◆ **Instructions for the task**: Below are the records; count how many of their lines hold the string "spatial" and give the number alone.

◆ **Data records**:
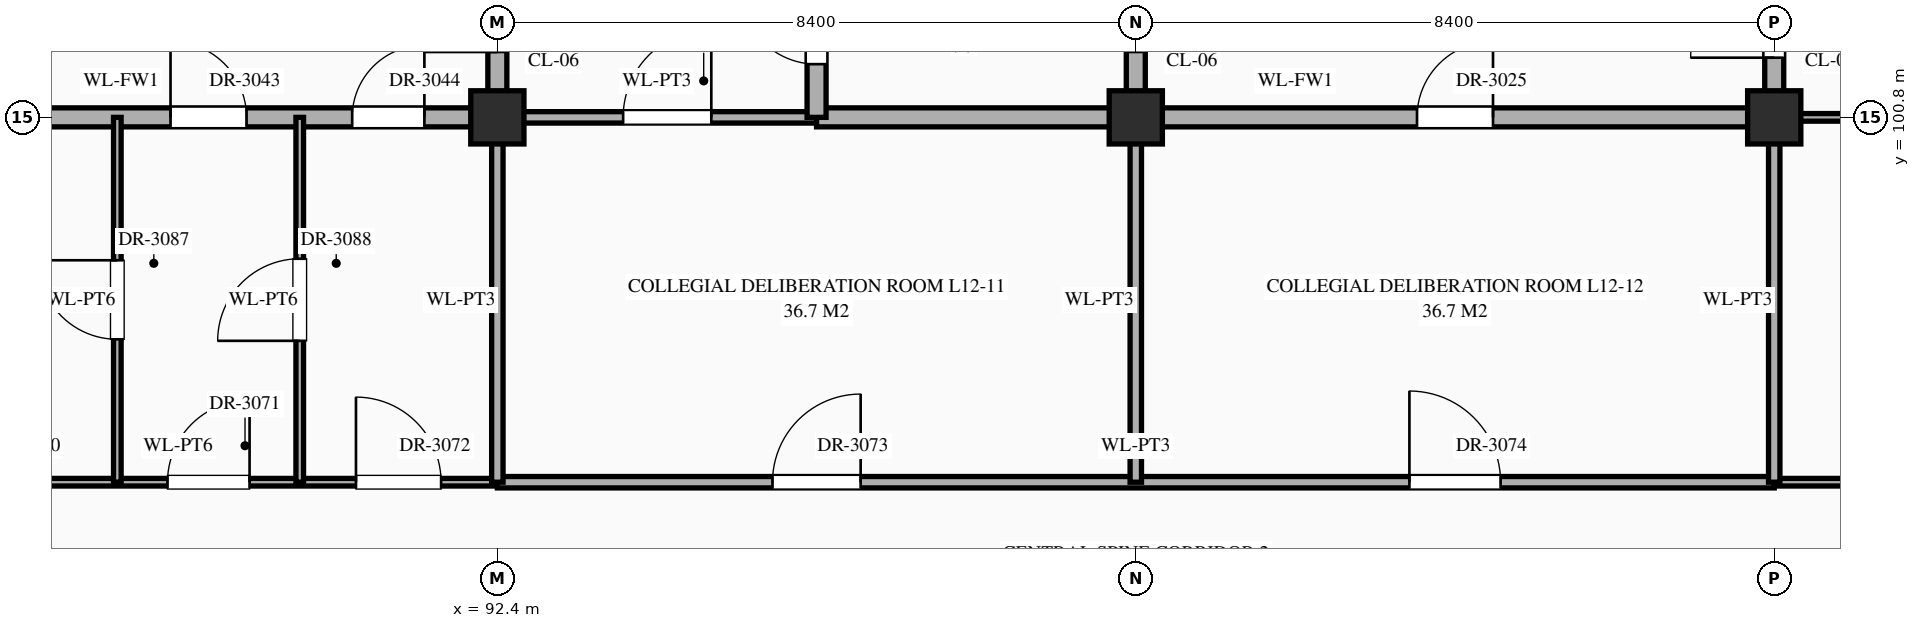
"""IFC4 building model, lengths in metres.
Left out: names, types, materials, properties, quantities, classifications, styles, units other than length and angle.
Written with IfcOpenShell. Run it as: python <this file> out.ifc"""

import sys

from ifc_helpers import new_model, si_unit, direction, frame, frame_2d, origin, origin_2d, place, context, subcontext, project, spatial, rectangle, extrude, element, fill, save


model = new_model("IFC4")
c1 = context("Model", 3, precision=1e-05, world=origin(), true_north=direction((0.0, 1.0)))
c2 = subcontext(c1, "Body", "Model", "MODEL_VIEW")
j1 = project(units=[si_unit("LENGTHUNIT", "METRE"), si_unit("PLANEANGLEUNIT", "RADIAN")], contexts=[c1])
p1 = place(None, origin())
s1 = spatial("IfcSite", under=j1, at=p1, CompositionType="ELEMENT")
p2 = place(p1, origin())
s2 = spatial("IfcBuilding", under=s1, at=p2, CompositionType="ELEMENT")
p3 = place(p2, frame((0.0, 0.0, 51.9)))
s3 = spatial("IfcBuildingStorey", under=s2, at=p3, CompositionType="ELEMENT", Elevation=51.9)
for number, where, z_axis, x_axis in (
    (1, (92.4, 100.8, 0.0), (0.0, 0.0, 1.0), (1.0, 0.0, 0.0)),
    (2, (100.8, 100.8, 0.0), (0.0, 0.0, 1.0), (1.0, 0.0, 0.0)),
    (3, (109.2, 100.8, 0.0), (0.0, 0.0, 1.0), (1.0, 0.0, 0.0)),
):
    element("IfcColumn", number, at=place(p3, frame(where, z_axis=z_axis, x_axis=x_axis)), inside=s3, PredefinedType="COLUMN", context=c2, shape_type="SweptSolid", body=[
        extrude(rectangle(XDim=0.7, YDim=0.7, at=origin_2d()), origin(), (0.0, 0.0, 1.0), 4.2),
    ])
p4 = place(p3, frame((84.0, 96.0, 0.0), z_axis=(0.0, 0.0, 1.0), x_axis=(1.0, 0.0, 0.0)))
e4 = element("IfcWall", 4, at=p4, inside=s3, PredefinedType="STANDARD", context=c2, shape_type="SweptSolid", body=[
    extrude(rectangle(XDim=8.4, YDim=0.1, at=frame_2d((4.2, 0.0))), origin(), (0.0, 0.0, 1.0), 3.96),
])
p5 = place(p4, frame((1.18, 0.0, 0.0)))
e5 = element("IfcOpeningElement", 5, at=p5, cuts=e4, PredefinedType="OPENING", context=c2, shape_type="SweptSolid", body=[
    extrude(rectangle(XDim=1.04, YDim=2.2, at=frame_2d((0.52, 1.1))), frame((0.0, 0.062, 0.0), z_axis=(0.0, -1.0, 0.0), x_axis=(1.0, 0.0, 0.0)), (0.0, 0.0, 1.0), 0.124),
])
p6 = place(p4, frame((4.06, 0.0, 0.0)))
e6 = element("IfcOpeningElement", 6, at=p6, cuts=e4, PredefinedType="OPENING", context=c2, shape_type="SweptSolid", body=[
    extrude(rectangle(XDim=1.08, YDim=2.25, at=frame_2d((0.54, 1.125))), frame((0.0, 0.062, 0.0), z_axis=(0.0, -1.0, 0.0), x_axis=(1.0, 0.0, 0.0)), (0.0, 0.0, 1.0), 0.124),
])
p7 = place(p4, frame((6.54, 0.0, 0.0)))
e7 = element("IfcOpeningElement", 7, at=p7, cuts=e4, PredefinedType="OPENING", context=c2, shape_type="SweptSolid", body=[
    extrude(rectangle(XDim=1.12, YDim=2.25, at=frame_2d((0.56, 1.125))), frame((0.0, 0.062, 0.0), z_axis=(0.0, -1.0, 0.0), x_axis=(1.0, 0.0, 0.0)), (0.0, 0.0, 1.0), 0.124),
])
p8 = place(p3, frame((92.4, 96.0, 0.0), z_axis=(0.0, 0.0, 1.0), x_axis=(1.0, 0.0, 0.0)))
e8 = element("IfcWall", 8, at=p8, inside=s3, PredefinedType="STANDARD", context=c2, shape_type="SweptSolid", body=[
    extrude(rectangle(XDim=16.8, YDim=0.15, at=frame_2d((8.4, 0.0))), origin(), (0.0, 0.0, 1.0), 3.96),
])
p9 = place(p8, frame((3.62, 0.0, 0.0)))
e9 = element("IfcOpeningElement", 9, at=p9, cuts=e8, PredefinedType="OPENING", context=c2, shape_type="SweptSolid", body=[
    extrude(rectangle(XDim=1.16, YDim=2.3, at=frame_2d((0.58, 1.15))), frame((0.0, 0.087, 0.0), z_axis=(0.0, -1.0, 0.0), x_axis=(1.0, 0.0, 0.0)), (0.0, 0.0, 1.0), 0.174),
])
p10 = place(p8, frame((12.0, 0.0, 0.0)))
e10 = element("IfcOpeningElement", 10, at=p10, cuts=e8, PredefinedType="OPENING", context=c2, shape_type="SweptSolid", body=[
    extrude(rectangle(XDim=1.2, YDim=2.35, at=frame_2d((0.6, 1.175))), frame((0.0, 0.087, 0.0), z_axis=(0.0, -1.0, 0.0), x_axis=(1.0, 0.0, 0.0)), (0.0, 0.0, 1.0), 0.174),
])
p11 = place(p3, frame((109.2, 96.0, 0.0), z_axis=(0.0, 0.0, 1.0), x_axis=(1.0, 0.0, 0.0)))
e11 = element("IfcWall", 11, at=p11, inside=s3, PredefinedType="STANDARD", context=c2, shape_type="SweptSolid", body=[
    extrude(rectangle(XDim=8.36, YDim=0.1, at=frame_2d((4.18, 0.0))), origin(), (0.0, 0.0, 1.0), 3.96),
])
p12 = place(p11, frame((1.08, 0.0, 0.0)))
e12 = element("IfcOpeningElement", 12, at=p12, cuts=e11, PredefinedType="OPENING", context=c2, shape_type="SweptSolid", body=[
    extrude(rectangle(XDim=1.24, YDim=2.3, at=frame_2d((0.62, 1.15))), frame((0.0, 0.062, 0.0), z_axis=(0.0, -1.0, 0.0), x_axis=(1.0, 0.0, 0.0)), (0.0, 0.0, 1.0), 0.124),
])
p13 = place(p11, frame((3.96, 0.0, 0.0)))
e13 = element("IfcOpeningElement", 13, at=p13, cuts=e11, PredefinedType="OPENING", context=c2, shape_type="SweptSolid", body=[
    extrude(rectangle(XDim=1.28, YDim=2.35, at=frame_2d((0.64, 1.175))), frame((0.0, 0.062, 0.0), z_axis=(0.0, -1.0, 0.0), x_axis=(1.0, 0.0, 0.0)), (0.0, 0.0, 1.0), 0.124),
])
p14 = place(p11, frame((6.61, 0.0, 0.0)))
e14 = element("IfcOpeningElement", 14, at=p14, cuts=e11, PredefinedType="OPENING", context=c2, shape_type="SweptSolid", body=[
    extrude(rectangle(XDim=0.94, YDim=2.3, at=frame_2d((0.47, 1.15))), frame((0.0, 0.062, 0.0), z_axis=(0.0, -1.0, 0.0), x_axis=(1.0, 0.0, 0.0)), (0.0, 0.0, 1.0), 0.124),
])
p15 = place(p3, frame((75.6, 100.8, 0.0), z_axis=(0.0, 0.0, 1.0), x_axis=(1.0, 0.0, 0.0)))
e15 = element("IfcWall", 15, at=p15, inside=s3, PredefinedType="STANDARD", context=c2, shape_type="SweptSolid", body=[
    extrude(rectangle(XDim=16.8, YDim=0.25, at=frame_2d((8.4, 0.0))), origin(), (0.0, 0.0, 1.0), 3.11),
])
p16 = place(p15, frame((3.725, 0.0, 0.0)))
e16 = element("IfcOpeningElement", 16, at=p16, cuts=e15, PredefinedType="OPENING", context=c2, shape_type="SweptSolid", body=[
    extrude(rectangle(XDim=0.95, YDim=2.15, at=frame_2d((0.475, 1.075))), frame((0.0, 0.137, 0.0), z_axis=(0.0, -1.0, 0.0), x_axis=(1.0, 0.0, 0.0)), (0.0, 0.0, 1.0), 0.274),
])
p17 = place(p15, frame((9.685, 0.0, 0.0)))
e17 = element("IfcOpeningElement", 17, at=p17, cuts=e15, PredefinedType="OPENING", context=c2, shape_type="SweptSolid", body=[
    extrude(rectangle(XDim=1.1, YDim=2.2, at=frame_2d((0.55, 1.1))), frame((0.0, 0.137, 0.0), z_axis=(0.0, -1.0, 0.0), x_axis=(1.0, 0.0, 0.0)), (0.0, 0.0, 1.0), 0.274),
])
p18 = place(p15, frame((12.5, 0.0, 0.0)))
e18 = element("IfcOpeningElement", 18, at=p18, cuts=e15, PredefinedType="OPENING", context=c2, shape_type="SweptSolid", body=[
    extrude(rectangle(XDim=1.0, YDim=2.2, at=frame_2d((0.5, 1.1))), frame((0.0, 0.137, 0.0), z_axis=(0.0, -1.0, 0.0), x_axis=(1.0, 0.0, 0.0)), (0.0, 0.0, 1.0), 0.274),
])
p19 = place(p15, frame((14.89, 0.0, 0.0)))
e19 = element("IfcOpeningElement", 19, at=p19, cuts=e15, PredefinedType="OPENING", context=c2, shape_type="SweptSolid", body=[
    extrude(rectangle(XDim=0.95, YDim=2.15, at=frame_2d((0.475, 1.075))), frame((0.0, 0.137, 0.0), z_axis=(0.0, -1.0, 0.0), x_axis=(1.0, 0.0, 0.0)), (0.0, 0.0, 1.0), 0.274),
])
p20 = place(p3, frame((92.4, 100.8, 0.0), z_axis=(0.0, 0.0, 1.0), x_axis=(1.0, 0.0, 0.0)))
e20 = element("IfcWall", 20, at=p20, inside=s3, PredefinedType="STANDARD", context=c2, shape_type="SweptSolid", body=[
    extrude(rectangle(XDim=4.2, YDim=0.15, at=frame_2d((2.1, 0.0))), origin(), (0.0, 0.0, 1.0), 3.11),
])
p21 = place(p20, frame((1.655, 0.0, 0.0)))
e21 = element("IfcOpeningElement", 21, at=p21, cuts=e20, PredefinedType="OPENING", context=c2, shape_type="SweptSolid", body=[
    extrude(rectangle(XDim=1.16, YDim=2.3, at=frame_2d((0.58, 1.15))), frame((0.0, 0.087, 0.0), z_axis=(0.0, -1.0, 0.0), x_axis=(1.0, 0.0, 0.0)), (0.0, 0.0, 1.0), 0.174),
])
p22 = place(p3, frame((96.6, 100.8, 0.0), z_axis=(0.0, 0.0, 1.0), x_axis=(1.0, 0.0, 0.0)))
e22 = element("IfcWall", 22, at=p22, inside=s3, PredefinedType="STANDARD", context=c2, shape_type="SweptSolid", body=[
    extrude(rectangle(XDim=12.6, YDim=0.25, at=frame_2d((6.3, 0.0))), origin(), (0.0, 0.0, 1.0), 3.11),
])
p23 = place(p22, frame((7.9, 0.0, 0.0)))
e23 = element("IfcOpeningElement", 23, at=p23, cuts=e22, PredefinedType="OPENING", context=c2, shape_type="SweptSolid", body=[
    extrude(rectangle(XDim=1.0, YDim=2.2, at=frame_2d((0.5, 1.1))), frame((0.0, 0.137, 0.0), z_axis=(0.0, -1.0, 0.0), x_axis=(1.0, 0.0, 0.0)), (0.0, 0.0, 1.0), 0.274),
])
p24 = place(p3, frame((109.2, 100.8, 0.0), z_axis=(0.0, 0.0, 1.0), x_axis=(1.0, 0.0, 0.0)))
e24 = element("IfcWall", 24, at=p24, inside=s3, PredefinedType="STANDARD", context=c2, shape_type="SweptSolid", body=[
    extrude(rectangle(XDim=8.36, YDim=0.1, at=frame_2d((4.18, 0.0))), origin(), (0.0, 0.0, 1.0), 3.11),
])
p25 = place(p24, frame((1.375, 0.0, 0.0)))
e25 = element("IfcOpeningElement", 25, at=p25, cuts=e24, PredefinedType="OPENING", context=c2, shape_type="SweptSolid", body=[
    extrude(rectangle(XDim=0.92, YDim=2.15, at=frame_2d((0.46, 1.075))), frame((0.0, 0.062, 0.0), z_axis=(0.0, -1.0, 0.0), x_axis=(1.0, 0.0, 0.0)), (0.0, 0.0, 1.0), 0.124),
])
p26 = place(p24, frame((4.12, 0.0, 0.0)))
e26 = element("IfcOpeningElement", 26, at=p26, cuts=e24, PredefinedType="OPENING", context=c2, shape_type="SweptSolid", body=[
    extrude(rectangle(XDim=0.96, YDim=2.2, at=frame_2d((0.48, 1.1))), frame((0.0, 0.062, 0.0), z_axis=(0.0, -1.0, 0.0), x_axis=(1.0, 0.0, 0.0)), (0.0, 0.0, 1.0), 0.124),
])
p27 = place(p24, frame((6.465, 0.0, 0.0)))
e27 = element("IfcOpeningElement", 27, at=p27, cuts=e24, PredefinedType="OPENING", context=c2, shape_type="SweptSolid", body=[
    extrude(rectangle(XDim=1.0, YDim=2.25, at=frame_2d((0.5, 1.125))), frame((0.0, 0.062, 0.0), z_axis=(0.0, -1.0, 0.0), x_axis=(1.0, 0.0, 0.0)), (0.0, 0.0, 1.0), 0.124),
])
p28 = place(p3, frame((87.4, 96.0, 0.0), z_axis=(0.0, 0.0, 1.0), x_axis=(0.0, 1.0, 0.0)))
e28 = element("IfcWall", 28, at=p28, inside=s3, PredefinedType="STANDARD", context=c2, shape_type="SweptSolid", body=[
    extrude(rectangle(XDim=4.8, YDim=0.1, at=frame_2d((2.4, 0.0))), origin(), (0.0, 0.0, 1.0), 3.96),
])
p29 = place(p28, frame((1.88, 0.0, 0.0)))
e29 = element("IfcOpeningElement", 29, at=p29, cuts=e28, PredefinedType="OPENING", context=c2, shape_type="SweptSolid", body=[
    extrude(rectangle(XDim=1.04, YDim=2.2, at=frame_2d((0.52, 1.1))), frame((0.0, 0.062, 0.0), z_axis=(0.0, -1.0, 0.0), x_axis=(1.0, 0.0, 0.0)), (0.0, 0.0, 1.0), 0.124),
])
p30 = place(p3, frame((89.8, 96.0, 0.0), z_axis=(0.0, 0.0, 1.0), x_axis=(0.0, 1.0, 0.0)))
e30 = element("IfcWall", 30, at=p30, inside=s3, PredefinedType="STANDARD", context=c2, shape_type="SweptSolid", body=[
    extrude(rectangle(XDim=4.8, YDim=0.1, at=frame_2d((2.4, 0.0))), origin(), (0.0, 0.0, 1.0), 3.96),
])
p31 = place(p30, frame((1.86, 0.0, 0.0)))
e31 = element("IfcOpeningElement", 31, at=p31, cuts=e30, PredefinedType="OPENING", context=c2, shape_type="SweptSolid", body=[
    extrude(rectangle(XDim=1.08, YDim=2.25, at=frame_2d((0.54, 1.125))), frame((0.0, 0.062, 0.0), z_axis=(0.0, -1.0, 0.0), x_axis=(1.0, 0.0, 0.0)), (0.0, 0.0, 1.0), 0.124),
])
p32 = place(p3, frame((92.4, 96.0, 0.0), z_axis=(0.0, 0.0, 1.0), x_axis=(0.0, 1.0, 0.0)))
e32 = element("IfcWall", 32, at=p32, inside=s3, PredefinedType="STANDARD", context=c2, shape_type="SweptSolid", body=[
    extrude(rectangle(XDim=4.8, YDim=0.15, at=frame_2d((2.4, 0.0))), origin(), (0.0, 0.0, 1.0), 3.21),
])
p33 = place(p3, frame((92.4, 100.8, 0.0), z_axis=(0.0, 0.0, 1.0), x_axis=(0.0, 1.0, 0.0)))
e33 = element("IfcWall", 33, at=p33, inside=s3, PredefinedType="STANDARD", context=c2, shape_type="SweptSolid", body=[
    extrude(rectangle(XDim=3.6, YDim=0.25, at=frame_2d((1.8, 0.0))), origin(), (0.0, 0.0, 1.0), 3.21),
])
p34 = place(p33, frame((0.86, 0.0, 0.0)))
e34 = element("IfcOpeningElement", 34, at=p34, cuts=e33, PredefinedType="OPENING", context=c2, shape_type="SweptSolid", body=[
    extrude(rectangle(XDim=0.95, YDim=2.15, at=frame_2d((0.475, 1.075))), frame((0.0, 0.137, 0.0), z_axis=(0.0, -1.0, 0.0), x_axis=(1.0, 0.0, 0.0)), (0.0, 0.0, 1.0), 0.274),
])
p35 = place(p3, frame((96.6, 100.8, 0.0), z_axis=(0.0, 0.0, 1.0), x_axis=(0.0, 1.0, 0.0)))
e35 = element("IfcWall", 35, at=p35, inside=s3, PredefinedType="STANDARD", context=c2, shape_type="SweptSolid", body=[
    extrude(rectangle(XDim=3.6, YDim=0.25, at=frame_2d((1.8, 0.0))), origin(), (0.0, 0.0, 1.0), 3.96),
])
p36 = place(p35, frame((0.7, 0.0, 0.0)))
e36 = element("IfcOpeningElement", 36, at=p36, cuts=e35, PredefinedType="OPENING", context=c2, shape_type="SweptSolid", body=[
    extrude(rectangle(XDim=1.0, YDim=2.2, at=frame_2d((0.5, 1.1))), frame((0.0, 0.137, 0.0), z_axis=(0.0, -1.0, 0.0), x_axis=(1.0, 0.0, 0.0)), (0.0, 0.0, 1.0), 0.274),
])
p37 = place(p3, frame((100.8, 96.0, 0.0), z_axis=(0.0, 0.0, 1.0), x_axis=(0.0, 1.0, 0.0)))
e37 = element("IfcWall", 37, at=p37, inside=s3, PredefinedType="STANDARD", context=c2, shape_type="SweptSolid", body=[
    extrude(rectangle(XDim=4.8, YDim=0.15, at=frame_2d((2.4, 0.0))), origin(), (0.0, 0.0, 1.0), 3.21),
])
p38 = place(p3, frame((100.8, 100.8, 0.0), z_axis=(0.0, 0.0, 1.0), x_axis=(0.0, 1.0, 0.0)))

◆ **Task answer**: 4